> What you have to do:
In the material below, the lines to reproduce exactly are the one containing "p21 = place(p5, origin())" and all lines after it through the last.

> Provided data:
****************

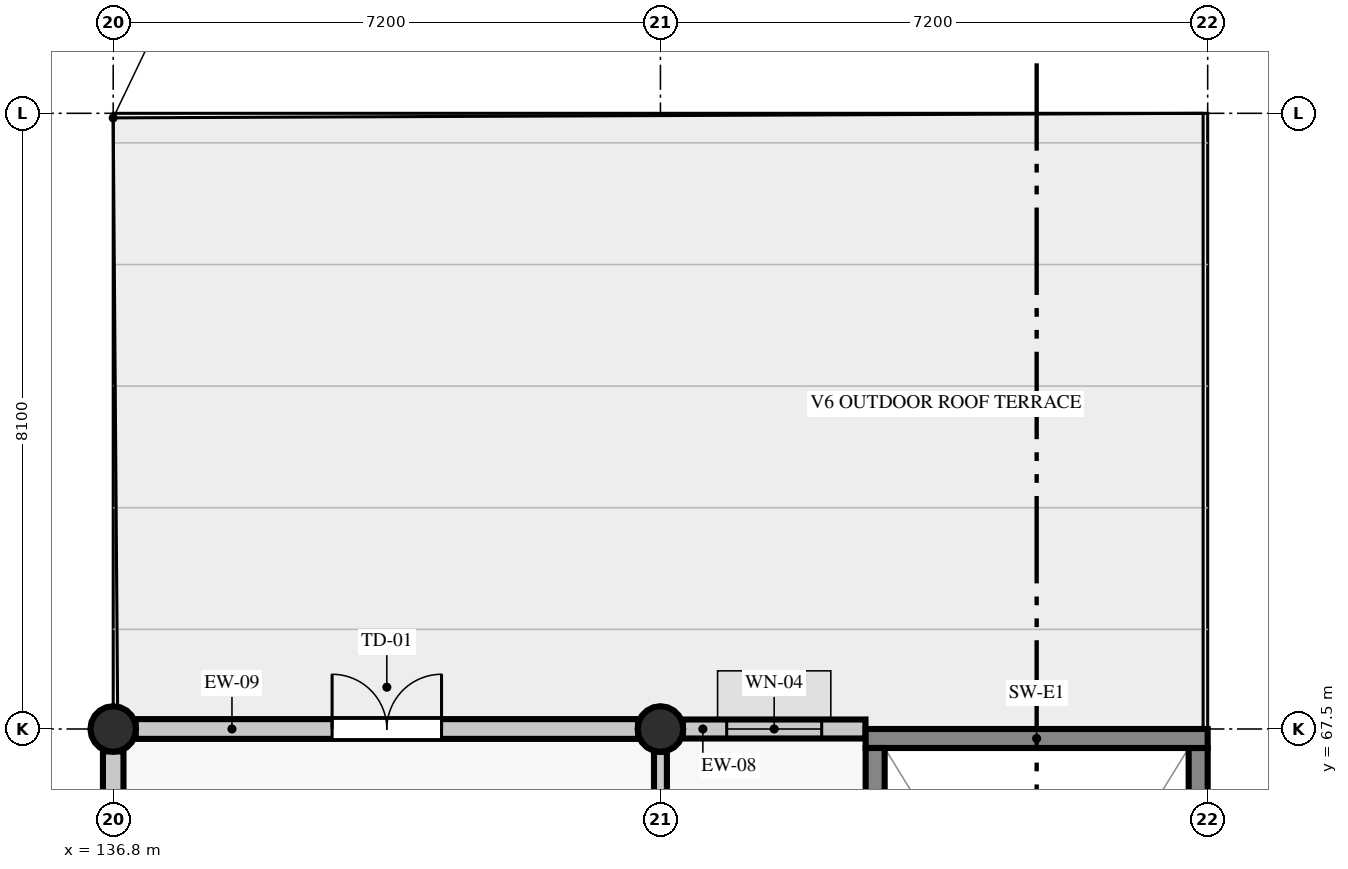
"""IFC4 building model, lengths in metres.
Left out: names, types, materials, properties, quantities, classifications, styles, units other than length and angle.
Written with IfcOpenShell. Run it as: python <this file> out.ifc"""

import sys

from ifc_helpers import new_model, si_unit, direction, frame, frame_2d, origin, origin_2d, place, context, subcontext, project, spatial, rectangle, circle, extrude, element, fill, save


model = new_model("IFC4")
c1 = context("Model", 3, precision=1e-05, world=origin(), true_north=direction((0.0, 1.0)))
c2 = subcontext(c1, "Body", "Model", "MODEL_VIEW")
j1 = project(units=[si_unit("LENGTHUNIT", "METRE"), si_unit("PLANEANGLEUNIT", "RADIAN")], contexts=[c1])
p1 = place(None, origin())
s1 = spatial("IfcSite", under=j1, at=p1, CompositionType="ELEMENT")
p2 = place(p1, origin())
s2 = spatial("IfcBuilding", under=s1, at=p2, CompositionType="ELEMENT")
p3 = place(p2, frame((0.0, 0.0, 9.6)))
s3 = spatial("IfcBuildingStorey", under=s2, at=p3, CompositionType="ELEMENT", Elevation=9.6)
for number, where, z_axis, x_axis in (
    (1, (136.8, 67.5, 0.0), (0.0, 0.0, 1.0), (1.0, 0.0, 0.0)),
    (2, (144.0, 67.5, 0.0), (0.0, 0.0, 1.0), (1.0, 0.0, 0.0)),
):
    element("IfcColumn", number, at=place(p3, frame(where, z_axis=z_axis, x_axis=x_axis)), inside=s3, PredefinedType="COLUMN", context=c2, shape_type="SweptSolid", body=[
        extrude(circle(Radius=0.3, at=origin_2d()), origin(), (0.0, 0.0, 1.0), 4.2),
    ])
p4 = place(p3, frame((146.698, 67.5, 0.0), z_axis=(0.0, 0.0, 1.0), x_axis=(-1.0, 0.0, 0.0)))
e3 = element("IfcWall", 3, at=p4, inside=s3, PredefinedType="STANDARD", context=c2, shape_type="SweptSolid", body=[
    extrude(rectangle(XDim=2.403, YDim=0.25, at=frame_2d((1.202, 0.0))), origin(), (0.0, 0.0, 1.0), 4.2),
])
p5 = place(p4, frame((0.576, 0.0, 0.9)))
e4 = element("IfcOpeningElement", 4, at=p5, cuts=e3, PredefinedType="OPENING", context=c2, shape_type="SweptSolid", body=[
    extrude(rectangle(XDim=1.25, YDim=1.3, at=frame_2d((0.625, 0.65))), frame((0.0, 0.135, 0.0), z_axis=(0.0, -1.0, 0.0), x_axis=(1.0, 0.0, 0.0)), (0.0, 0.0, 1.0), 0.27),
])
p6 = place(p3, frame((143.705, 67.5, 0.0), z_axis=(0.0, 0.0, 1.0), x_axis=(-1.0, 0.0, 0.0)))
e5 = element("IfcWall", 5, at=p6, inside=s3, PredefinedType="STANDARD", context=c2, shape_type="SweptSolid", body=[
    extrude(rectangle(XDim=6.61, YDim=0.26, at=frame_2d((3.305, 0.0))), origin(), (0.0, 0.0, 1.0), 3.55),
])
p7 = place(p6, frame((2.585, 0.0, 0.0)))
e6 = element("IfcOpeningElement", 6, at=p7, cuts=e5, PredefinedType="OPENING", context=c2, shape_type="SweptSolid", body=[
    extrude(rectangle(XDim=1.44, YDim=2.16, at=frame_2d((0.72, 1.08))), frame((0.0, 0.14, 0.0), z_axis=(0.0, -1.0, 0.0), x_axis=(1.0, 0.0, 0.0)), (0.0, 0.0, 1.0), 0.28),
])
p8 = place(p3, frame((136.8, 67.205, 0.0), z_axis=(0.0, 0.0, 1.0), x_axis=(0.0, -1.0, 0.0)))
e7 = element("IfcWall", 7, at=p8, inside=s3, PredefinedType="STANDARD", context=c2, shape_type="SweptSolid", body=[
    extrude(rectangle(XDim=7.51, YDim=0.27, at=frame_2d((3.755, 0.0))), origin(), (0.0, 0.0, 1.0), 3.55),
])
p9 = place(p8, frame((3.08, 0.0, 0.9)))
e8 = element("IfcOpeningElement", 8, at=p9, cuts=e7, PredefinedType="OPENING", context=c2, shape_type="SweptSolid", body=[
    extrude(rectangle(XDim=1.35, YDim=1.3, at=frame_2d((0.675, 0.65))), frame((0.0, 0.145, 0.0), z_axis=(0.0, -1.0, 0.0), x_axis=(1.0, 0.0, 0.0)), (0.0, 0.0, 1.0), 0.29),
])
p10 = place(p3, frame((151.075, 58.95, 0.0), z_axis=(0.0, 0.0, 1.0), x_axis=(0.0, 1.0, 0.0)))
e9 = element("IfcWall", 9, at=p10, inside=s3, PredefinedType="SHEAR", context=c2, shape_type="SweptSolid", body=[
    extrude(rectangle(XDim=8.3, YDim=0.25, at=frame_2d((4.15, 0.0))), origin(), (0.0, 0.0, 1.0), 4.2),
])
p11 = place(p10, frame((0.25, 0.0, 0.92)))
e10 = element("IfcOpeningElement", 10, at=p11, cuts=e9, PredefinedType="OPENING", context=c2, shape_type="SweptSolid", body=[
    extrude(rectangle(XDim=1.18, YDim=1.48, at=frame_2d((0.59, 0.74))), frame((0.0, 0.135, 0.0), z_axis=(0.0, -1.0, 0.0), x_axis=(1.0, 0.0, 0.0)), (0.0, 0.0, 1.0), 0.27),
])
p12 = place(p3, frame((151.2, 67.375, 0.0), z_axis=(0.0, 0.0, 1.0), x_axis=(-1.0, 0.0, 0.0)))
e11 = element("IfcWall", 11, at=p12, inside=s3, PredefinedType="SHEAR", context=c2, shape_type="SweptSolid", body=[
    extrude(rectangle(XDim=4.5, YDim=0.25, at=frame_2d((2.25, 0.0))), origin(), (0.0, 0.0, 1.0), 4.2),
])
p13 = place(p3, frame((146.825, 67.25, 0.0), z_axis=(0.0, 0.0, 1.0), x_axis=(0.0, -1.0, 0.0)))
e12 = element("IfcWall", 12, at=p13, inside=s3, PredefinedType="SHEAR", context=c2, shape_type="SweptSolid", body=[
    extrude(rectangle(XDim=8.3, YDim=0.25, at=frame_2d((4.15, 0.0))), origin(), (0.0, 0.0, 1.0), 4.2),
])
p14 = place(p13, frame((6.5, 0.0, 0.0)))
e13 = element("IfcOpeningElement", 13, at=p14, cuts=e12, PredefinedType="OPENING", context=c2, shape_type="SweptSolid", body=[
    extrude(rectangle(XDim=1.5, YDim=2.15, at=frame_2d((0.75, 1.075))), frame((0.0, 0.135, 0.0), z_axis=(0.0, -1.0, 0.0), x_axis=(1.0, 0.0, 0.0)), (0.0, 0.0, 1.0), 0.27),
])
p15 = place(p3, frame((144.0, 43.5, 0.0), z_axis=(0.0, 0.0, 1.0), x_axis=(0.0, 1.0, 0.0)))
e14 = element("IfcWall", 14, at=p15, inside=s3, PredefinedType="PARTITIONING", context=c2, shape_type="SweptSolid", body=[
    extrude(rectangle(XDim=23.7, YDim=0.17, at=frame_2d((11.85, 0.0))), origin(), (0.0, 0.0, 1.0), 3.75),
])
p16 = place(p15, frame((3.243, 0.0, 0.0)))
e15 = element("IfcOpeningElement", 15, at=p16, cuts=e14, PredefinedType="OPENING", context=c2, shape_type="SweptSolid", body=[
    extrude(rectangle(XDim=1.1, YDim=2.13, at=frame_2d((0.55, 1.065))), frame((0.0, 0.095, 0.0), z_axis=(0.0, -1.0, 0.0), x_axis=(1.0, 0.0, 0.0)), (0.0, 0.0, 1.0), 0.19),
])
p17 = place(p15, frame((8.95, 0.0, 0.0)))
e16 = element("IfcOpeningElement", 16, at=p17, cuts=e14, PredefinedType="OPENING", context=c2, shape_type="SweptSolid", body=[
    extrude(rectangle(XDim=0.9, YDim=2.13, at=frame_2d((0.45, 1.065))), frame((0.0, 0.095, 0.0), z_axis=(0.0, -1.0, 0.0), x_axis=(1.0, 0.0, 0.0)), (0.0, 0.0, 1.0), 0.19),
])
p18 = place(p15, frame((11.615, 0.0, 0.0)))
e17 = element("IfcOpeningElement", 17, at=p18, cuts=e14, PredefinedType="OPENING", context=c2, shape_type="SweptSolid", body=[
    extrude(rectangle(XDim=0.92, YDim=2.18, at=frame_2d((0.46, 1.09))), frame((0.0, 0.095, 0.0), z_axis=(0.0, -1.0, 0.0), x_axis=(1.0, 0.0, 0.0)), (0.0, 0.0, 1.0), 0.19),
])
p19 = place(p15, frame((13.93, 0.0, 0.0)))
e18 = element("IfcOpeningElement", 18, at=p19, cuts=e14, PredefinedType="OPENING", context=c2, shape_type="SweptSolid", body=[
    extrude(rectangle(XDim=0.94, YDim=2.08, at=frame_2d((0.47, 1.04))), frame((0.0, 0.095, 0.0), z_axis=(0.0, -1.0, 0.0), x_axis=(1.0, 0.0, 0.0)), (0.0, 0.0, 1.0), 0.19),
])
p20 = place(p15, frame((19.393, 0.0, 0.0)))
e19 = element("IfcOpeningElement", 19, at=p20, cuts=e14, PredefinedType="OPENING", context=c2, shape_type="SweptSolid", body=[
    extrude(rectangle(XDim=1.03, YDim=2.18, at=frame_2d((0.515, 1.09))), frame((0.0, 0.095, 0.0), z_axis=(0.0, -1.0, 0.0), x_axis=(1.0, 0.0, 0.0)), (0.0, 0.0, 1.0), 0.19),
])
p21 = place(p5, origin())
e20 = element("IfcWindow", 20, at=p21, inside=s3, PartitioningType="SINGLE_PANEL", PredefinedType="WINDOW", context=c2, shape_type="SweptSolid", body=[
    extrude(rectangle(XDim=1.25, YDim=1.3, at=frame_2d((0.625, 0.65))), frame((0.0, 0.03, 0.0), z_axis=(0.0, -1.0, 0.0), x_axis=(1.0, 0.0, 0.0)), (0.0, 0.0, 1.0), 0.06),
])
fill(e4, e20)
p22 = place(p7, frame((1.44, 0.0, 0.0), z_axis=(0.0, 0.0, 1.0), x_axis=(-1.0, 0.0, 0.0)))
e21 = element("IfcDoor", 21, at=p22, inside=s3, OperationType="DOUBLE_DOOR_SINGLE_SWING", PredefinedType="DOOR", context=c2, shape_type="SweptSolid", body=[
    extrude(rectangle(XDim=1.44, YDim=2.16, at=frame_2d((0.72, 1.08))), frame((0.0, 0.025, 0.0), z_axis=(0.0, -1.0, 0.0), x_axis=(1.0, 0.0, 0.0)), (0.0, 0.0, 1.0), 0.05),
])
fill(e6, e21)
save(model, sys.argv[1])

****************

> Answer box:
p21 = place(p5, origin())
e20 = element("IfcWindow", 20, at=p21, inside=s3, PartitioningType="SINGLE_PANEL", PredefinedType="WINDOW", context=c2, shape_type="SweptSolid", body=[
    extrude(rectangle(XDim=1.25, YDim=1.3, at=frame_2d((0.625, 0.65))), frame((0.0, 0.03, 0.0), z_axis=(0.0, -1.0, 0.0), x_axis=(1.0, 0.0, 0.0)), (0.0, 0.0, 1.0), 0.06),
])
fill(e4, e20)
p22 = place(p7, frame((1.44, 0.0, 0.0), z_axis=(0.0, 0.0, 1.0), x_axis=(-1.0, 0.0, 0.0)))
e21 = element("IfcDoor", 21, at=p22, inside=s3, OperationType="DOUBLE_DOOR_SINGLE_SWING", PredefinedType="DOOR", context=c2, shape_type="SweptSolid", body=[
    extrude(rectangle(XDim=1.44, YDim=2.16, at=frame_2d((0.72, 1.08))), frame((0.0, 0.025, 0.0), z_axis=(0.0, -1.0, 0.0), x_axis=(1.0, 0.0, 0.0)), (0.0, 0.0, 1.0), 0.05),
])
fill(e6, e21)
save(model, sys.argv[1])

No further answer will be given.